## Task item
Each line that includes "OperationType" must be copied from the records.

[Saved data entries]
====

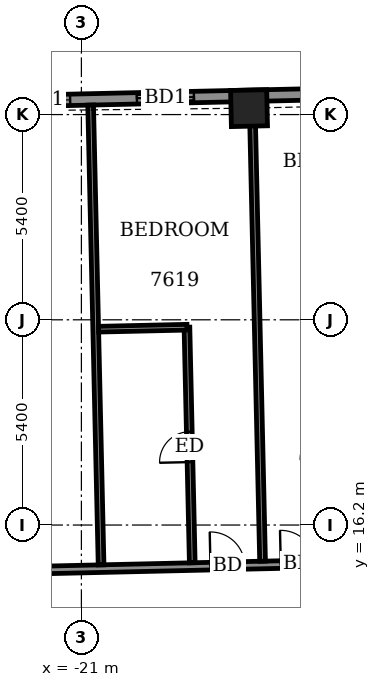
"""IFC4 building model, lengths in metres.
Left out: names, types, materials, properties, quantities, classifications, styles, units other than length and angle.
Written with IfcOpenShell. Run it as: python <this file> out.ifc"""

import sys

from ifc_helpers import new_model, si_unit, direction, frame, frame_2d, origin, origin_2d, place, context, subcontext, project, spatial, rectangle, extrude, element, fill, save


model = new_model("IFC4")
c1 = context("Model", 3, precision=1e-05, world=origin(), true_north=direction((0.0, 1.0)))
c2 = subcontext(c1, "Body", "Model", "MODEL_VIEW")
j1 = project(units=[si_unit("LENGTHUNIT", "METRE"), si_unit("PLANEANGLEUNIT", "RADIAN")], contexts=[c1])
p1 = place(None, origin())
s1 = spatial("IfcSite", under=j1, at=p1, CompositionType="ELEMENT")
p2 = place(p1, origin())
s2 = spatial("IfcBuilding", under=s1, at=p2, CompositionType="ELEMENT")
p3 = place(p2, frame((0.0, 0.0, 297.9)))
s3 = spatial("IfcBuildingStorey", under=s2, at=p3, CompositionType="ELEMENT", Elevation=297.9)
p4 = place(p3, frame((-16.589, 27.169, -0.55), z_axis=(0.0, 0.0, 1.0), x_axis=(-0.9997425919, -0.02268810132, 0.0)))
e1 = element("IfcColumn", 1, at=p4, inside=s3, PredefinedType="COLUMN", context=c2, shape_type="SweptSolid", body=[
    extrude(rectangle(XDim=0.95, YDim=0.95, at=origin_2d()), origin(), (0.0, 0.0, 1.0), 3.6),
])
p5 = place(p3, frame((26.216, 28.465, 0.0), z_axis=(0.0, 0.0, 1.0), x_axis=(-0.999742843677, -0.022677004157, 0.0)))
e2 = element("IfcWall", 2, at=p5, inside=s3, PredefinedType="SOLIDWALL", context=c2, shape_type="SweptSolid", body=[
    extrude(rectangle(XDim=49.836, YDim=0.3, at=frame_2d((24.918, 0.0))), origin(), (0.0, 0.0, 1.0), 2.5),
])
p6 = place(p5, frame((1.763, 0.0, 0.0)))
e3 = element("IfcOpeningElement", 3, at=p6, cuts=e2, PredefinedType="OPENING", context=c2, shape_type="SweptSolid", body=[
    extrude(rectangle(XDim=1.5, YDim=2.4, at=frame_2d((0.75, 1.2))), frame((0.0, 0.16, 0.0), z_axis=(0.0, -1.0, 0.0), x_axis=(1.0, 0.0, 0.0)), (0.0, 0.0, 1.0), 0.32),
])
p7 = place(p5, frame((4.912, 0.0, 0.0)))
e4 = element("IfcOpeningElement", 4, at=p7, cuts=e2, PredefinedType="OPENING", context=c2, shape_type="SweptSolid", body=[
    extrude(rectangle(XDim=1.5, YDim=2.4, at=frame_2d((0.75, 1.2))), frame((0.0, 0.16, 0.0), z_axis=(0.0, -1.0, 0.0), x_axis=(1.0, 0.0, 0.0)), (0.0, 0.0, 1.0), 0.32),
])
p8 = place(p5, frame((10.186, 0.0, 0.0)))
e5 = element("IfcOpeningElement", 5, at=p8, cuts=e2, PredefinedType="OPENING", context=c2, shape_type="SweptSolid", body=[
    extrude(rectangle(XDim=1.5, YDim=2.4, at=frame_2d((0.75, 1.2))), frame((0.0, 0.16, 0.0), z_axis=(0.0, -1.0, 0.0), x_axis=(1.0, 0.0, 0.0)), (0.0, 0.0, 1.0), 0.32),
])
p9 = place(p5, frame((15.093, 0.0, 0.0)))
e6 = element("IfcOpeningElement", 6, at=p9, cuts=e2, PredefinedType="OPENING", context=c2, shape_type="SweptSolid", body=[
    extrude(rectangle(XDim=1.5, YDim=2.4, at=frame_2d((0.75, 1.2))), frame((0.0, 0.16, 0.0), z_axis=(0.0, -1.0, 0.0), x_axis=(1.0, 0.0, 0.0)), (0.0, 0.0, 1.0), 0.32),
])
p10 = place(p5, frame((18.449, 0.0, 0.0)))
e7 = element("IfcOpeningElement", 7, at=p10, cuts=e2, PredefinedType="OPENING", context=c2, shape_type="SweptSolid", body=[
    extrude(rectangle(XDim=1.5, YDim=2.4, at=frame_2d((0.75, 1.2))), frame((0.0, 0.16, 0.0), z_axis=(0.0, -1.0, 0.0), x_axis=(1.0, 0.0, 0.0)), (0.0, 0.0, 1.0), 0.32),
])
p11 = place(p5, frame((22.924, 0.0, 0.0)))
e8 = element("IfcOpeningElement", 8, at=p11, cuts=e2, PredefinedType="OPENING", context=c2, shape_type="SweptSolid", body=[
    extrude(rectangle(XDim=1.5, YDim=2.4, at=frame_2d((0.75, 1.2))), frame((0.0, 0.16, 0.0), z_axis=(0.0, -1.0, 0.0), x_axis=(1.0, 0.0, 0.0)), (0.0, 0.0, 1.0), 0.32),
])
p12 = place(p5, frame((26.28, 0.0, 0.0)))
e9 = element("IfcOpeningElement", 9, at=p12, cuts=e2, PredefinedType="OPENING", context=c2, shape_type="SweptSolid", body=[
    extrude(rectangle(XDim=1.5, YDim=2.4, at=frame_2d((0.75, 1.2))), frame((0.0, 0.16, 0.0), z_axis=(0.0, -1.0, 0.0), x_axis=(1.0, 0.0, 0.0)), (0.0, 0.0, 1.0), 0.32),
])
p13 = place(p5, frame((31.361, 0.0, 0.0)))
e10 = element("IfcOpeningElement", 10, at=p13, cuts=e2, PredefinedType="OPENING", context=c2, shape_type="SweptSolid", body=[
    extrude(rectangle(XDim=1.5, YDim=2.4, at=frame_2d((0.75, 1.2))), frame((0.0, 0.16, 0.0), z_axis=(0.0, -1.0, 0.0), x_axis=(1.0, 0.0, 0.0)), (0.0, 0.0, 1.0), 0.32),
])
p14 = place(p5, frame((36.437, 0.0, 0.0)))
e11 = element("IfcOpeningElement", 11, at=p14, cuts=e2, PredefinedType="OPENING", context=c2, shape_type="SweptSolid", body=[
    extrude(rectangle(XDim=1.5, YDim=2.4, at=frame_2d((0.75, 1.2))), frame((0.0, 0.16, 0.0), z_axis=(0.0, -1.0, 0.0), x_axis=(1.0, 0.0, 0.0)), (0.0, 0.0, 1.0), 0.32),
])
p15 = place(p5, frame((39.793, 0.0, 0.0)))
e12 = element("IfcOpeningElement", 12, at=p15, cuts=e2, PredefinedType="OPENING", context=c2, shape_type="SweptSolid", body=[
    extrude(rectangle(XDim=1.5, YDim=2.4, at=frame_2d((0.75, 1.2))), frame((0.0, 0.16, 0.0), z_axis=(0.0, -1.0, 0.0), x_axis=(1.0, 0.0, 0.0)), (0.0, 0.0, 1.0), 0.32),
])
p16 = place(p5, frame((44.267, 0.0, 0.0)))
e13 = element("IfcOpeningElement", 13, at=p16, cuts=e2, PredefinedType="OPENING", context=c2, shape_type="SweptSolid", body=[
    extrude(rectangle(XDim=1.5, YDim=2.4, at=frame_2d((0.75, 1.2))), frame((0.0, 0.16, 0.0), z_axis=(0.0, -1.0, 0.0), x_axis=(1.0, 0.0, 0.0)), (0.0, 0.0, 1.0), 0.32),
])
p17 = place(p5, frame((47.524, 0.0, 0.9)))
e14 = element("IfcOpeningElement", 14, at=p17, cuts=e2, PredefinedType="OPENING", context=c2, shape_type="SweptSolid", body=[
    extrude(rectangle(XDim=1.2, YDim=1.5, at=frame_2d((0.6, 0.75))), frame((0.0, 0.16, 0.0), z_axis=(0.0, -1.0, 0.0), x_axis=(1.0, 0.0, 0.0)), (0.0, 0.0, 1.0), 0.32),
])
p18 = place(p3, frame((-26.401, 14.918, 0.0), z_axis=(0.0, 0.0, 1.0), x_axis=(0.99974239733, 0.022696673341, 0.0)))
e15 = element("IfcWall", 15, at=p18, inside=s3, PredefinedType="PARTITIONING", context=c2, shape_type="SweptSolid", body=[
    extrude(rectangle(XDim=55.386, YDim=0.2, at=frame_2d((27.693, 0.0))), origin(), (0.0, 0.0, 1.0), 3.05),
])
p19 = place(p18, frame((53.718, 0.0, 0.0)))
e16 = element("IfcOpeningElement", 16, at=p19, cuts=e15, PredefinedType="OPENING", context=c2, shape_type="SweptSolid", body=[
    extrude(rectangle(XDim=1.0, YDim=2.1, at=frame_2d((0.5, 1.05))), frame((0.0, 0.11, 0.0), z_axis=(0.0, -1.0, 0.0), x_axis=(1.0, 0.0, 0.0)), (0.0, 0.0, 1.0), 0.22),
])
p20 = place(p18, frame((49.325, 0.0, 0.0)))
e17 = element("IfcOpeningElement", 17, at=p20, cuts=e15, PredefinedType="OPENING", context=c2, shape_type="SweptSolid", body=[
    extrude(rectangle(XDim=0.9, YDim=2.1, at=frame_2d((0.45, 1.05))), frame((0.0, 0.11, 0.0), z_axis=(0.0, -1.0, 0.0), x_axis=(1.0, 0.0, 0.0)), (0.0, 0.0, 1.0), 0.22),
])
p21 = place(p18, frame((44.575, 0.0, 0.0)))
e18 = element("IfcOpeningElement", 18, at=p21, cuts=e15, PredefinedType="OPENING", context=c2, shape_type="SweptSolid", body=[
    extrude(rectangle(XDim=0.9, YDim=2.1, at=frame_2d((0.45, 1.05))), frame((0.0, 0.11, 0.0), z_axis=(0.0, -1.0, 0.0), x_axis=(1.0, 0.0, 0.0)), (0.0, 0.0, 1.0), 0.22),
])
p22 = place(p18, frame((42.725, 0.0, 0.0)))
e19 = element("IfcOpeningElement", 19, at=p22, cuts=e15, PredefinedType="OPENING", context=c2, shape_type="SweptSolid", body=[
    extrude(rectangle(XDim=0.9, YDim=2.1, at=frame_2d((0.45, 1.05))), frame((0.0, 0.11, 0.0), z_axis=(0.0, -1.0, 0.0), x_axis=(1.0, 0.0, 0.0)), (0.0, 0.0, 1.0), 0.22),
])
p23 = place(p18, frame((36.1, 0.0, 0.0)))
e20 = element("IfcOpeningElement", 20, at=p23, cuts=e15, PredefinedType="OPENING", context=c2, shape_type="SweptSolid", body=[
    extrude(rectangle(XDim=0.9, YDim=2.1, at=frame_2d((0.45, 1.05))), frame((0.0, 0.11, 0.0), z_axis=(0.0, -1.0, 0.0), x_axis=(1.0, 0.0, 0.0)), (0.0, 0.0, 1.0), 0.22),
])
p24 = place(p18, frame((34.25, 0.0, 0.0)))
e21 = element("IfcOpeningElement", 21, at=p24, cuts=e15, PredefinedType="OPENING", context=c2, shape_type="SweptSolid", body=[
    extrude(rectangle(XDim=0.9, YDim=2.1, at=frame_2d((0.45, 1.05))), frame((0.0, 0.11, 0.0), z_axis=(0.0, -1.0, 0.0), x_axis=(1.0, 0.0, 0.0)), (0.0, 0.0, 1.0), 0.22),
])
p25 = place(p18, frame((27.6, 0.0, 0.0)))
e22 = element("IfcOpeningElement", 22, at=p25, cuts=e15, PredefinedType="OPENING", context=c2, shape_type="SweptSolid", body=[
    extrude(rectangle(XDim=0.9, YDim=2.1, at=frame_2d((0.45, 1.05))), frame((0.0, 0.11, 0.0), z_axis=(0.0, -1.0, 0.0), x_axis=(1.0, 0.0, 0.0)), (0.0, 0.0, 1.0), 0.22),
])
p26 = place(p18, frame((25.775, 0.0, 0.0)))
e23 = element("IfcOpeningElement", 23, at=p26, cuts=e15, PredefinedType="OPENING", context=c2, shape_type="SweptSolid", body=[
    extrude(rectangle(XDim=0.9, YDim=2.1, at=frame_2d((0.45, 1.05))), frame((0.0, 0.11, 0.0), z_axis=(0.0, -1.0, 0.0), x_axis=(1.0, 0.0, 0.0)), (0.0, 0.0, 1.0), 0.22),
])
p27 = place(p18, frame((19.15, 0.0, 0.0)))
e24 = element("IfcOpeningElement", 24, at=p27, cuts=e15, PredefinedType="OPENING", context=c2, shape_type="SweptSolid", body=[
    extrude(rectangle(XDim=0.9, YDim=2.1, at=frame_2d((0.45, 1.05))), frame((0.0, 0.11, 0.0), z_axis=(0.0, -1.0, 0.0), x_axis=(1.0, 0.0, 0.0)), (0.0, 0.0, 1.0), 0.22),
])
p28 = place(p18, frame((17.3, 0.0, 0.0)))
e25 = element("IfcOpeningElement", 25, at=p28, cuts=e15, PredefinedType="OPENING", context=c2, shape_type="SweptSolid", body=[
    extrude(rectangle(XDim=0.9, YDim=2.1, at=frame_2d((0.45, 1.05))), frame((0.0, 0.11, 0.0), z_axis=(0.0, -1.0, 0.0), x_axis=(1.0, 0.0, 0.0)), (0.0, 0.0, 1.0), 0.22),
])
p29 = place(p18, frame((10.65, 0.0, 0.0)))
e26 = element("IfcOpeningElement", 26, at=p29, cuts=e15, PredefinedType="OPENING", context=c2, shape_type="SweptSolid", body=[
    extrude(rectangle(XDim=0.9, YDim=2.1, at=frame_2d((0.45, 1.05))), frame((0.0, 0.11, 0.0), z_axis=(0.0, -1.0, 0.0), x_axis=(1.0, 0.0, 0.0)), (0.0, 0.0, 1.0), 0.22),
])
p30 = place(p18, frame((8.8, 0.0, 0.0)))
e27 = element("IfcOpeningElement", 27, at=p30, cuts=e15, PredefinedType="OPENING", context=c2, shape_type="SweptSolid", body=[
    extrude(rectangle(XDim=0.9, YDim=2.1, at=frame_2d((0.45, 1.05))), frame((0.0, 0.11, 0.0), z_axis=(0.0, -1.0, 0.0), x_axis=(1.0, 0.0, 0.0)), (0.0, 0.0, 1.0), 0.22),
])
p31 = place(p18, frame((1.864, 0.0, 0.0)))
e28 = element("IfcOpeningElement", 28, at=p31, cuts=e15, PredefinedType="OPENING", context=c2, shape_type="SweptSolid", body=[
    extrude(rectangle(XDim=1.0, YDim=2.1, at=frame_2d((0.5, 1.05))), frame((0.0, 0.11, 0.0), z_axis=(0.0, -1.0, 0.0), x_axis=(1.0, 0.0, 0.0)), (0.0, 0.0, 1.0), 0.22),
])
p32 = place(p3, frame((-20.482, 15.152, 0.0), z_axis=(0.0, 0.0, 1.0), x_axis=(-0.022737445516, 0.999741470867, 0.0)))
e29 = element("IfcWall", 29, at=p32, inside=s3, PredefinedType="PARTITIONING", context=c2, shape_type="SweptSolid", body=[
    extrude(rectangle(XDim=12.101, YDim=0.15, at=frame_2d((6.051, 0.0))), origin(), (0.0, 0.0, 1.0), 2.55),
])
p33 = place(p3, frame((-18.083, 15.207, 0.0), z_axis=(0.0, 0.0, 1.0), x_axis=(-0.022564860101, 0.999745381129, 0.0)))
e30 = element("IfcWall", 30, at=p33, inside=s3, PredefinedType="PARTITIONING", context=c2, shape_type="SweptSolid", body=[
    extrude(rectangle(XDim=6.199, YDim=0.15, at=frame_2d((3.1, 0.0))), origin(), (0.0, 0.0, 1.0), 3.05),
])
p34 = place(p33, frame((2.65, 0.0, 0.0)))
e31 = element("IfcOpeningElement", 31, at=p34, cuts=e30, PredefinedType="OPENING", context=c2, shape_type="SweptSolid", body=[
    extrude(rectangle(XDim=0.8, YDim=2.1, at=frame_2d((0.4, 1.05))), frame((0.0, 0.085, 0.0), z_axis=(0.0, -1.0, 0.0), x_axis=(1.0, 0.0, 0.0)), (0.0, 0.0, 1.0), 0.17),
])
p35 = place(p3, frame((-16.233, 15.249, 0.0), z_axis=(0.0, 0.0, 1.0), x_axis=(-0.02273928012, 0.99974142914, 0.0)))
e32 = element("IfcWall", 32, at=p35, inside=s3, PredefinedType="PARTITIONING", context=c2, shape_type="SweptSolid", body=[
    extrude(rectangle(XDim=12.1, YDim=0.15, at=frame_2d((6.05, 0.0))), origin(), (0.0, 0.0, 1.0), 3.05),
])
p36 = place(p3, frame((-20.546, 21.353, 0.0), z_axis=(0.0, 0.0, 1.0), x_axis=(0.999749954681, 0.022361308448, 0.0)))
e33 = element("IfcWall", 33, at=p36, inside=s3, PredefinedType="PARTITIONING", context=c2, shape_type="SweptSolid", body=[
    extrude(rectangle(XDim=2.325, YDim=0.15, at=frame_2d((1.163, 0.0))), origin(), (0.0, 0.0, 1.0), 3.05),
])
p37 = place(p16, origin())
e34 = element("IfcDoor", 34, at=p37, inside=s3, OperationType="SLIDING_TO_LEFT", PredefinedType="DOOR", context=c2, shape_type="SweptSolid", body=[
    extrude(rectangle(XDim=1.5, YDim=2.4, at=frame_2d((0.75, 1.2))), frame((0.0, 0.025, 0.0), z_axis=(0.0, -1.0, 0.0), x_axis=(1.0, 0.0, 0.0)), (0.0, 0.0, 1.0), 0.05),
])
fill(e13, e34)
p38 = place(p17, origin())
e35 = element("IfcWindow", 35, at=p38, inside=s3, PartitioningType="SINGLE_PANEL", PredefinedType="WINDOW", context=c2, shape_type="SweptSolid", body=[
    extrude(rectangle(XDim=1.2, YDim=1.5, at=frame_2d((0.6, 0.75))), frame((0.0, 0.03, 0.0), z_axis=(0.0, -1.0, 0.0), x_axis=(1.0, 0.0, 0.0)), (0.0, 0.0, 1.0), 0.06),
])
fill(e14, e35)
p39 = place(p29, origin())
e36 = element("IfcDoor", 36, at=p39, inside=s3, OperationType="SINGLE_SWING_RIGHT", PredefinedType="DOOR", context=c2, shape_type="SweptSolid", body=[
    extrude(rectangle(XDim=0.9, YDim=2.1, at=frame_2d((0.45, 1.05))), frame((0.0, 0.025, 0.0), z_axis=(0.0, -1.0, 0.0), x_axis=(1.0, 0.0, 0.0)), (0.0, 0.0, 1.0), 0.05),
])
fill(e26, e36)
p40 = place(p30, origin())
e37 = element("IfcDoor", 37, at=p40, inside=s3, OperationType="SINGLE_SWING_LEFT", PredefinedType="DOOR", context=c2, shape_type="SweptSolid", body=[
    extrude(rectangle(XDim=0.9, YDim=2.1, at=frame_2d((0.45, 1.05))), frame((0.0, 0.025, 0.0), z_axis=(0.0, -1.0, 0.0), x_axis=(1.0, 0.0, 0.0)), (0.0, 0.0, 1.0), 0.05),
])
fill(e27, e37)
p41 = place(p34, origin())
e38 = element("IfcDoor", 38, at=p41, inside=s3, OperationType="SINGLE_SWING_LEFT", PredefinedType="DOOR", context=c2, shape_type="SweptSolid", body=[
    extrude(rectangle(XDim=0.8, YDim=2.1, at=frame_2d((0.4, 1.05))), frame((0.0, 0.025, 0.0), z_axis=(0.0, -1.0, 0.0), x_axis=(1.0, 0.0, 0.0)), (0.0, 0.0, 1.0), 0.05),
])
fill(e31, e38)
save(model, sys.argv[1])

====

## Expected answer
e34 = element("IfcDoor", 34, at=p37, inside=s3, OperationType="SLIDING_TO_LEFT", PredefinedType="DOOR", context=c2, shape_type="SweptSolid", body=[
e36 = element("IfcDoor", 36, at=p39, inside=s3, OperationType="SINGLE_SWING_RIGHT", PredefinedType="DOOR", context=c2, shape_type="SweptSolid", body=[
e37 = element("IfcDoor", 37, at=p40, inside=s3, OperationType="SINGLE_SWING_LEFT", PredefinedType="DOOR", context=c2, shape_type="SweptSolid", body=[
e38 = element("IfcDoor", 38, at=p41, inside=s3, OperationType="SINGLE_SWING_LEFT", PredefinedType="DOOR", context=c2, shape_type="SweptSolid", body=[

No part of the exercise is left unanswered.